(Beginning of Exercise inputs)
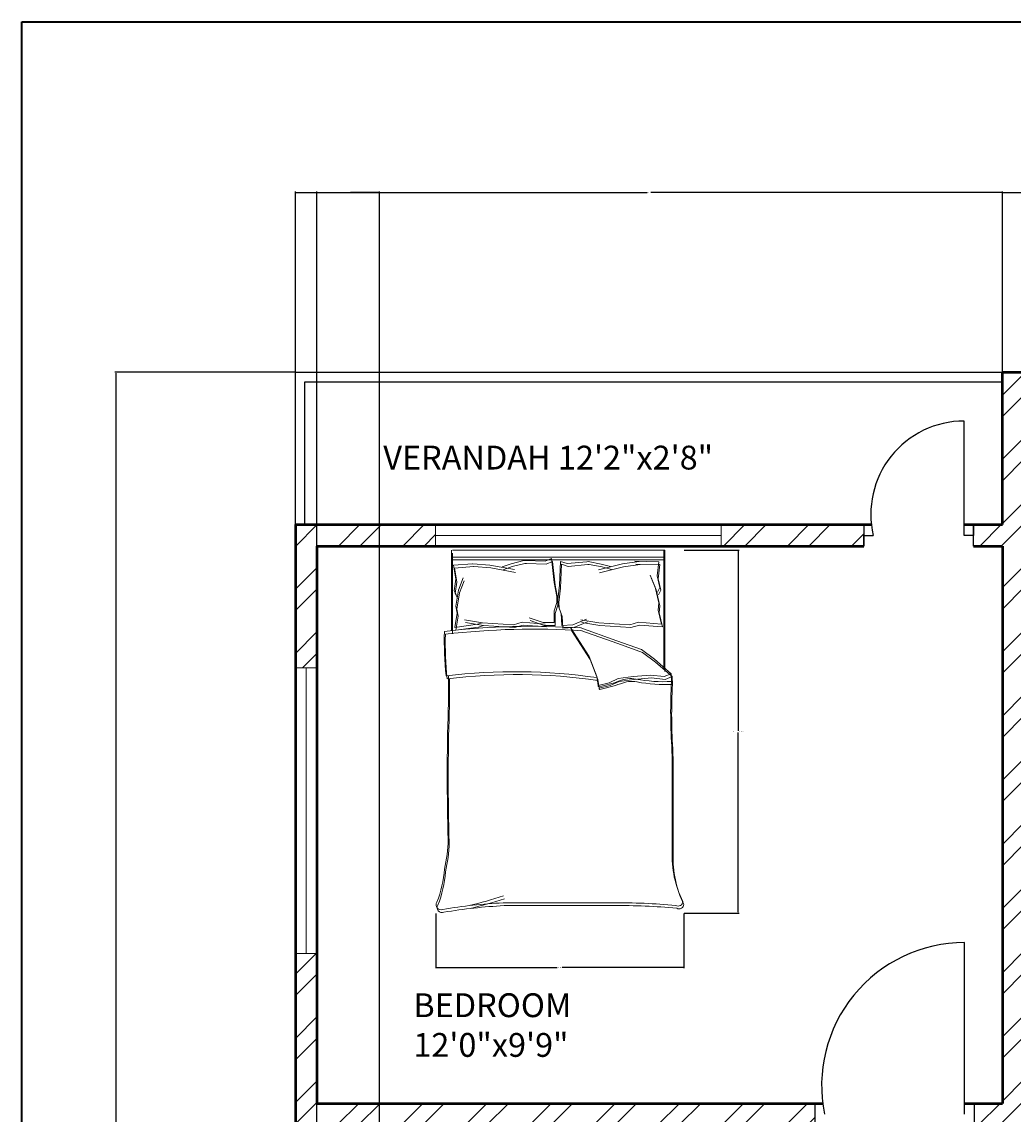
# Model space of a CAD drawing. Units: inches. Extents: x 2129 to 2642, y 1542 to 2414.
# Tile 6 of 9: x 2129 to 2338, y 2184 to 2414. Entities that reach past the tile are written whole.
import ezdxf

# ---------------------------------------------------------------- set-up
doc = ezdxf.new("R2010")
doc.units = ezdxf.units.IN
for name, color, linetype, lineweight in [('A-ANNO-DIMS', 2, 'Continuous', 18), ('A-ANNO-TTLB', 7, 'Continuous', 35), ('A-AREA-IDEN', 7, 'Continuous', 18), ('A-DOOR', 3, 'Continuous', 25), ('A-FLOR-RAIL', 80, 'Continuous', 25), ('A-FURN', 8, 'Continuous', 18), ('A-GLAZ', 4, 'Continuous', 18), ('A-WALL', 7, 'Continuous', 50), ('A-WALL-PATT', 252, 'Continuous', 13)]:
    doc.layers.add(name, color=color, linetype=linetype, lineweight=lineweight)
doc.styles.get("Standard").update_dxf_attribs({"font": 'arial.ttf'})
doc.dimstyles.get("Standard").update_dxf_attribs({"dimtxt": 0.18, "dimasz": 0.18, "dimexe": 0.18, "dimexo": 0.0625, "dimgap": 0.09, "dimtad": 0, "dimtih": 1, "dimtoh": 1, "dimdec": 4, "dimzin": 0, "dimdsep": 46, "dimtxsty": 'Standard', "dimcen": 0.09, "dimadec": 0, "dimazin": 0, "dimtfac": 1, "dimtdec": 4, "dimtofl": 0, "dimtmove": 0, "dimatfit": 3, "dimfxl": 1, "dimtolj": 1, "dimtzin": 0, "dimarcsym": 0})

# ---------------------------------------------------------------- blocks, each defined once
blk = doc.blocks.new('BED-DOUBLE')
for p, q in [((3.24, 59.14), (3.24, 76.05)), ((3.25, 59.14), (3.25, 76.05)), ((48.08, 76.05), (3.46, 76.05)), ((47.87, 76.05), (47.87, 51.2)), ((47.87, 76.05), (47.87, 51.2)), ((48.08, 76.05), (48.08, 75.45)), ((3.24, 74.61), (47.87, 74.61)), ((3.25, 74.61), (47.87, 74.61)), ((3.46, 58.54), (3.46, 75.45)), ((3.46, 58.54), (3.46, 75.45)), ((3.46, 74.02), (48.08, 74.02)), ((3.46, 74.02), (48.08, 74.02)), ((15.76, 73.22), (18.46, 73.9)), ((15.76, 73.22), (18.46, 73.9)), ((18.46, 73.9), (18.76, 73.9)), ((18.46, 73.9), (18.76, 73.9)), ((18.76, 73.9), (22.91, 73.76)), ((18.76, 73.9), (22.91, 73.76)), ((22.91, 73.76), (24.26, 74.3)), ((22.91, 73.76), (24.26, 74.3)), ((23.12, 73.16), (24.47, 73.7)), ((23.12, 73.16), (24.47, 73.7)), ((24.26, 74.3), (24.8, 69.31)), ((24.26, 74.3), (24.8, 69.31)), ((24.47, 73.7), (25.01, 68.71)), ((24.47, 73.7), (25.01, 68.71)), ((26.12, 73.72), (25.9, 68.7)), ((26.12, 73.72), (25.9, 68.7)), ((27.5, 73.27), (26.12, 73.72)), ((27.5, 73.27), (26.12, 73.72)), ((31.64, 73.66), (27.5, 73.27)), ((31.64, 73.66), (27.5, 73.27)), ((31.94, 73.68), (31.64, 73.66)), ((31.94, 73.68), (31.64, 73.66)), ((34.68, 73.17), (31.94, 73.68)), ((34.67, 73.17), (31.94, 73.68)), ((42.68, 73.67), (39.14, 73.18)), ((42.68, 73.67), (39.14, 73.18)), ((46.79, 73.66), (41.75, 73.75)), ((41.75, 73.75), (42.68, 73.67)), ((46.79, 73.66), (41.75, 73.75)), ((41.75, 73.75), (42.68, 73.67)), ((46.79, 73.66), (46.44, 70.66)), ((46.79, 73.66), (46.44, 70.66)), ((48.08, 75.45), (48.08, 50.6)), ((48.08, 75.45), (48.08, 50.6)), ((3.64, 72.93), (7.64, 73.24)), ((3.64, 72.93), (7.64, 73.24)), ((3.64, 72.95), (4.18, 69.98)), ((3.64, 72.95), (4.18, 69.98)), ((3.85, 72.33), (7.85, 72.64)), ((3.85, 72.33), (7.85, 72.64)), ((3.85, 72.35), (4.39, 69.38)), ((3.85, 72.35), (4.39, 69.38)), ((7.64, 73.24), (7.74, 73.22)), ((7.64, 73.24), (7.74, 73.22)), ((7.74, 73.22), (11.31, 72.95)), ((7.74, 73.22), (11.31, 72.95)), ((7.85, 72.64), (7.95, 72.62)), ((7.85, 72.64), (7.95, 72.62)), ((7.95, 72.62), (11.52, 72.35)), ((7.95, 72.62), (11.52, 72.35)), ((11.31, 72.95), (16.44, 72.01)), ((11.31, 72.95), (16.44, 72.01)), ((11.52, 72.35), (16.65, 71.41)), ((11.52, 72.35), (16.65, 71.41)), ((13.87, 72.55), (15.76, 73.22)), ((13.87, 72.55), (15.76, 73.22)), ((14.08, 71.95), (15.97, 72.62)), ((14.08, 71.95), (15.97, 72.62)), ((15.97, 72.62), (18.67, 73.3)), ((15.97, 72.62), (18.67, 73.3)), ((18.67, 73.3), (18.97, 73.3)), ((18.67, 73.3), (18.97, 73.3)), ((18.97, 73.3), (23.12, 73.16)), ((18.97, 73.3), (23.12, 73.16)), ((26.34, 73.12), (26.11, 68.1)), ((26.34, 73.12), (26.11, 68.1)), ((27.72, 72.67), (26.34, 73.12)), ((27.72, 72.67), (26.34, 73.12)), ((31.85, 73.06), (27.72, 72.67)), ((31.85, 73.06), (27.72, 72.67)), ((32.15, 73.08), (31.85, 73.06)), ((32.15, 73.08), (31.85, 73.06)), ((34.89, 72.58), (32.15, 73.08)), ((34.89, 72.58), (32.15, 73.08)), ((39.14, 73.18), (34.08, 71.92)), ((39.14, 73.18), (34.08, 71.92)), ((39.35, 72.58), (34.29, 71.32)), ((39.35, 72.58), (34.29, 71.32)), ((36.6, 72.62), (34.67, 73.17)), ((36.6, 72.62), (34.68, 73.17)), ((36.82, 72.02), (34.89, 72.58)), ((36.82, 72.02), (34.89, 72.58)), ((42.9, 73.08), (39.35, 72.58)), ((42.9, 73.08), (39.35, 72.58)), ((47.01, 73.06), (41.96, 73.15)), ((41.96, 73.15), (42.9, 73.08)), ((47.01, 73.06), (41.96, 73.15)), ((41.96, 73.15), (42.9, 73.08)), ((47.01, 73.06), (46.65, 70.06)), ((47.01, 73.06), (46.65, 70.06)), ((4.18, 69.98), (3.77, 67.55)), ((4.18, 69.98), (3.77, 67.55)), ((4.39, 69.38), (3.98, 66.95)), ((4.39, 69.38), (3.99, 66.95)), ((4.72, 67.69), (5.66, 70.25)), ((4.72, 67.69), (5.66, 70.25)), ((4.93, 67.09), (5.87, 69.65)), ((4.93, 67.09), (5.87, 69.65)), ((24.8, 69.31), (25.34, 66.34)), ((24.8, 69.31), (25.34, 66.34)), ((46.04, 68.34), (44.94, 70.84)), ((46.04, 68.34), (44.94, 70.84)), ((46.26, 67.74), (45.15, 70.24)), ((46.26, 67.74), (45.15, 70.24)), ((46.44, 70.66), (46.99, 68.26)), ((46.44, 70.66), (46.99, 68.26)), ((46.65, 70.06), (47.21, 67.66)), ((46.65, 70.06), (47.21, 67.66)), ((3.77, 67.55), (4.31, 66.61)), ((3.77, 67.55), (4.31, 66.61)), ((3.98, 66.95), (4.52, 66.01)), ((3.99, 66.95), (4.53, 66.01)), ((4.18, 64.31), (4.72, 67.69)), ((4.18, 64.31), (4.72, 67.69)), ((4.39, 63.71), (4.93, 67.09)), ((4.39, 63.71), (4.93, 67.09)), ((25.01, 68.71), (25.55, 65.74)), ((25.01, 68.71), (25.55, 65.74)), ((25.9, 68.7), (25.54, 65.7)), ((25.9, 68.7), (25.54, 65.7)), ((26.11, 68.1), (25.76, 65.11)), ((26.11, 68.1), (25.76, 65.11)), ((46.79, 65), (46.04, 68.34)), ((46.79, 65), (46.04, 68.34)), ((47.01, 64.41), (46.26, 67.74)), ((47.01, 64.41), (46.26, 67.74)), ((46.99, 68.26), (46.51, 67.28)), ((46.99, 68.26), (46.51, 67.28)), ((47.21, 67.66), (46.73, 66.69)), ((47.21, 67.66), (46.73, 66.69)), ((4.45, 62.82), (4.18, 64.31)), ((4.45, 62.82), (4.18, 64.31)), ((25.34, 65.12), (24.8, 63.36)), ((25.34, 65.12), (24.8, 63.36)), ((25.55, 64.52), (25.01, 62.77)), ((25.55, 64.52), (25.01, 62.77)), ((25.34, 66.34), (25.34, 65.12)), ((25.34, 66.34), (25.34, 65.12)), ((25.54, 65.7), (25.62, 64.49)), ((25.54, 65.7), (25.62, 64.49)), ((25.55, 65.74), (25.55, 64.52)), ((25.55, 65.74), (25.55, 64.52)), ((25.62, 64.49), (26.27, 62.77)), ((25.62, 64.49), (26.27, 62.77)), ((25.76, 65.11), (25.83, 63.89)), ((25.76, 65.11), (25.83, 63.89)), ((46.62, 63.5), (46.79, 65)), ((46.62, 63.5), (46.79, 65)), ((46.83, 62.91), (47.01, 64.41)), ((46.83, 62.91), (47.01, 64.41)), ((3.91, 59.85), (4.45, 62.82)), ((3.91, 59.85), (4.45, 62.82)), ((4.12, 59.26), (4.66, 62.23)), ((4.12, 59.26), (4.66, 62.23)), ((4.66, 62.23), (4.39, 63.71)), ((4.66, 62.23), (4.39, 63.71)), ((24.8, 63.36), (24.8, 60.86)), ((24.8, 63.36), (24.8, 60.86)), ((25.01, 62.77), (25.01, 60.26)), ((25.01, 62.77), (25.01, 60.26)), ((25.83, 63.89), (26.48, 62.18)), ((25.83, 63.89), (26.48, 62.18)), ((26.27, 62.77), (26.42, 60.27)), ((26.27, 62.77), (26.42, 60.27)), ((26.48, 62.18), (26.64, 59.68)), ((26.48, 62.18), (26.64, 59.68)), ((47.34, 60.57), (46.62, 63.5)), ((47.34, 60.57), (46.62, 63.5)), ((47.55, 59.98), (46.83, 62.91)), ((47.55, 59.98), (46.83, 62.91)), ((8.67, 60.53), (3.91, 59.85)), ((8.67, 60.53), (3.91, 59.85)), ((8.88, 59.93), (4.12, 59.26)), ((8.88, 59.93), (4.12, 59.26)), ((5.96, 61.45), (9.72, 60.83)), ((5.96, 61.45), (9.72, 60.83)), ((6.17, 60.86), (9.94, 60.23)), ((6.17, 60.86), (9.94, 60.23)), ((9.72, 60.83), (8.67, 60.53)), ((9.72, 60.83), (8.67, 60.53)), ((9.94, 60.23), (8.88, 59.93)), ((9.94, 60.23), (8.88, 59.93)), ((9.72, 60.83), (16.27, 60.43)), ((9.72, 60.83), (16.27, 60.43)), ((9.94, 60.23), (16.48, 59.83)), ((9.94, 60.23), (16.48, 59.83)), ((16.27, 60.43), (18.1, 60.95)), ((16.27, 60.43), (18.1, 60.95)), ((16.48, 59.83), (18.31, 60.35)), ((16.48, 59.83), (18.31, 60.35)), ((18.1, 60.95), (22.89, 60.57)), ((18.1, 60.95), (22.89, 60.57)), ((18.31, 60.35), (23.11, 59.98)), ((18.31, 60.35), (23.1, 59.98)), ((22.51, 60.86), (19.57, 61.88)), ((22.51, 60.86), (19.57, 61.88)), ((22.72, 60.26), (19.78, 61.28)), ((22.72, 60.26), (19.78, 61.28)), ((24.8, 60.86), (22.51, 60.86)), ((24.8, 60.86), (22.51, 60.86)), ((25.01, 60.26), (22.72, 60.26)), ((25.01, 60.26), (22.72, 60.26)), ((26.42, 60.27), (28.71, 60.42)), ((26.42, 60.27), (28.71, 60.42)), ((26.64, 59.68), (28.93, 59.82)), ((26.64, 59.68), (28.93, 59.82)), ((28.25, 59.82), (32.17, 53.75)), ((28.25, 59.82), (32.17, 53.75)), ((28.71, 60.42), (31.58, 61.62)), ((28.71, 60.42), (31.58, 61.62)), ((28.93, 59.82), (31.79, 61.02)), ((28.93, 59.82), (31.79, 61.02)), ((37.95, 57.08), (30.17, 59.82)), ((37.95, 57.08), (30.17, 59.82)), ((30.41, 61.45), (34.17, 60.83)), ((30.41, 61.45), (34.17, 60.83)), ((30.62, 60.86), (34.39, 60.23)), ((30.62, 60.86), (34.38, 60.23)), ((34.17, 60.83), (40.72, 60.43)), ((34.17, 60.83), (40.72, 60.43)), ((34.38, 60.23), (40.93, 59.83)), ((34.39, 60.23), (40.93, 59.83)), ((40.72, 60.43), (42.55, 60.95)), ((40.72, 60.43), (42.55, 60.95)), ((40.93, 59.83), (42.76, 60.35)), ((40.93, 59.83), (42.76, 60.35)), ((42.55, 60.95), (47.34, 60.57)), ((42.55, 60.95), (47.34, 60.57)), ((42.76, 60.35), (47.55, 59.98)), ((42.76, 60.35), (47.55, 59.98)), ((28.47, 59.22), (32.38, 53.16)), ((28.47, 59.22), (32.38, 53.16)), ((38.16, 56.48), (30.38, 59.22)), ((38.16, 56.48), (30.38, 59.22)), ((43.16, 55.2), (37.95, 57.08)), ((43.16, 55.2), (37.95, 57.08)), ((43.37, 54.6), (38.16, 56.48)), ((43.37, 54.6), (38.16, 56.48)), ((45.91, 53.17), (43.16, 55.2)), ((45.91, 53.17), (43.16, 55.2)), ((32.17, 53.75), (33.76, 49.56)), ((32.17, 53.75), (33.76, 49.56)), ((32.38, 53.16), (33.97, 48.96)), ((32.38, 53.16), (33.97, 48.96)), ((46.12, 52.58), (43.37, 54.6)), ((46.12, 52.58), (43.37, 54.6)), ((49.37, 50.14), (45.91, 53.17)), ((49.36, 50.14), (45.91, 53.17)), ((49.58, 49.54), (46.12, 52.58)), ((49.58, 49.54), (46.12, 52.58)), ((33.76, 49.56), (34.05, 47.68)), ((33.76, 49.56), (34.05, 47.68)), ((33.97, 48.96), (34.26, 47.09)), ((33.97, 48.96), (34.26, 47.09)), ((34.05, 47.68), (36.36, 48.26)), ((34.05, 47.68), (36.36, 48.26)), ((36.36, 48.26), (38.24, 49.13)), ((36.36, 48.26), (38.24, 49.13)), ((36.57, 47.66), (38.45, 48.53)), ((36.57, 47.66), (38.45, 48.53)), ((38.24, 49.13), (41.42, 49.56)), ((38.24, 49.13), (41.42, 49.56)), ((38.45, 48.53), (41.64, 48.96)), ((38.45, 48.53), (41.64, 48.96)), ((41.42, 49.56), (45.04, 49.85)), ((41.42, 49.56), (45.04, 49.85)), ((41.64, 48.96), (45.25, 49.25)), ((41.64, 48.96), (45.25, 49.25)), ((45.04, 49.85), (47.93, 49.56)), ((45.04, 49.85), (47.93, 49.56)), ((45.25, 49.25), (48.14, 48.96)), ((45.25, 49.25), (48.14, 48.96)), ((47.93, 49.56), (49.37, 50.14)), ((47.93, 49.56), (49.36, 50.14)), ((48.14, 48.96), (49.58, 49.54)), ((48.14, 48.96), (49.58, 49.54)), ((49.44, 48.51), (49.36, 50.14, 3.61)), ((49.44, 48.51), (49.37, 50.14, 3.61)), ((49.65, 47.91), (49.58, 49.54, 3.61)), ((49.65, 47.91), (49.58, 49.54, 3.61)), ((34.26, 47.09), (36.57, 47.66)), ((34.26, 47.09), (36.57, 47.66)), ((14.07, 2.05), (37.05, 2.05)), ((14.07, 2.05), (37.05, 2.05)), ((14.28, 1.46), (37.26, 1.46)), ((14.28, 1.46), (37.26, 1.46))]:
    blk.add_line(p, q)
for centre, radius, start, end in [((19.94, -93.94), 154.04, 86.0865, 96.7821), ((19.94, -93.94), 154.04, 86.0865, 96.7821), ((79.52, 57.28), 77.79, 178.7218, 185.604), ((79.52, 57.28), 77.79, 178.7218, 185.604), ((79.73, 56.69), 77.79, 178.7218, 185.604), ((79.73, 56.69), 77.79, 178.7218, 185.604), ((20.16, -94.54), 154.04, 86.0865, 96.7821), ((20.16, -94.54), 154.04, 86.0865, 96.7821), ((16.58, -69.91), 120.47, 81.7845, 96.9006), ((16.58, -69.91), 120.47, 81.7845, 96.9006), ((16.79, -70.51), 120.47, 81.7845, 96.9006), ((16.79, -70.51), 120.47, 81.7845, 96.9006), ((-156.22, 46.94), 158.84, 358.4762, 1.0082), ((-156.22, 46.94), 158.84, 358.4762, 1.0082), ((-156.01, 46.34), 158.84, 358.4762, 1.0082), ((-156.01, 46.34), 158.84, 358.4762, 1.0082), ((29.09, 74.66), 27.69, 280.6617, 289.8806), ((29.09, 74.66), 27.69, 280.6617, 289.8806), ((40.85, 43.3), 5.81, 78.6608, 113.7384), ((40.85, 43.3), 5.81, 78.6608, 113.7384), ((41.06, 42.71), 5.81, 78.6608, 113.7384), ((41.06, 42.71), 5.81, 78.6608, 113.7384), ((47.93, 82.26), 33.79, 259.8763, 272.5657), ((47.93, 82.26), 33.79, 259.8763, 272.5657), ((48.14, 81.67), 33.79, 259.8763, 272.5657), ((48.14, 81.67), 33.79, 259.8763, 272.5657), ((170.19, 42.14), 120.92, 176.9791, 183.8365), ((170.19, 42.14), 120.92, 176.9791, 183.8365), ((34.21, 47.62), 0.172, 160.2464, 271.1377), ((34.21, 47.62), 0.172, 160.2464, 271.1377), ((34.42, 47.03), 0.172, 160.2464, 271.1377), ((34.42, 47.03), 0.172, 160.2464, 271.1377), ((29.3, 74.07), 27.69, 280.6617, 289.8806), ((29.3, 74.07), 27.69, 280.6617, 289.8806), ((170.4, 41.54), 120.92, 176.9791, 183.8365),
(End of Exercise inputs)
### Task description
Count every line of the records that holds the string "linetype". Write only the total.

### Task answer
2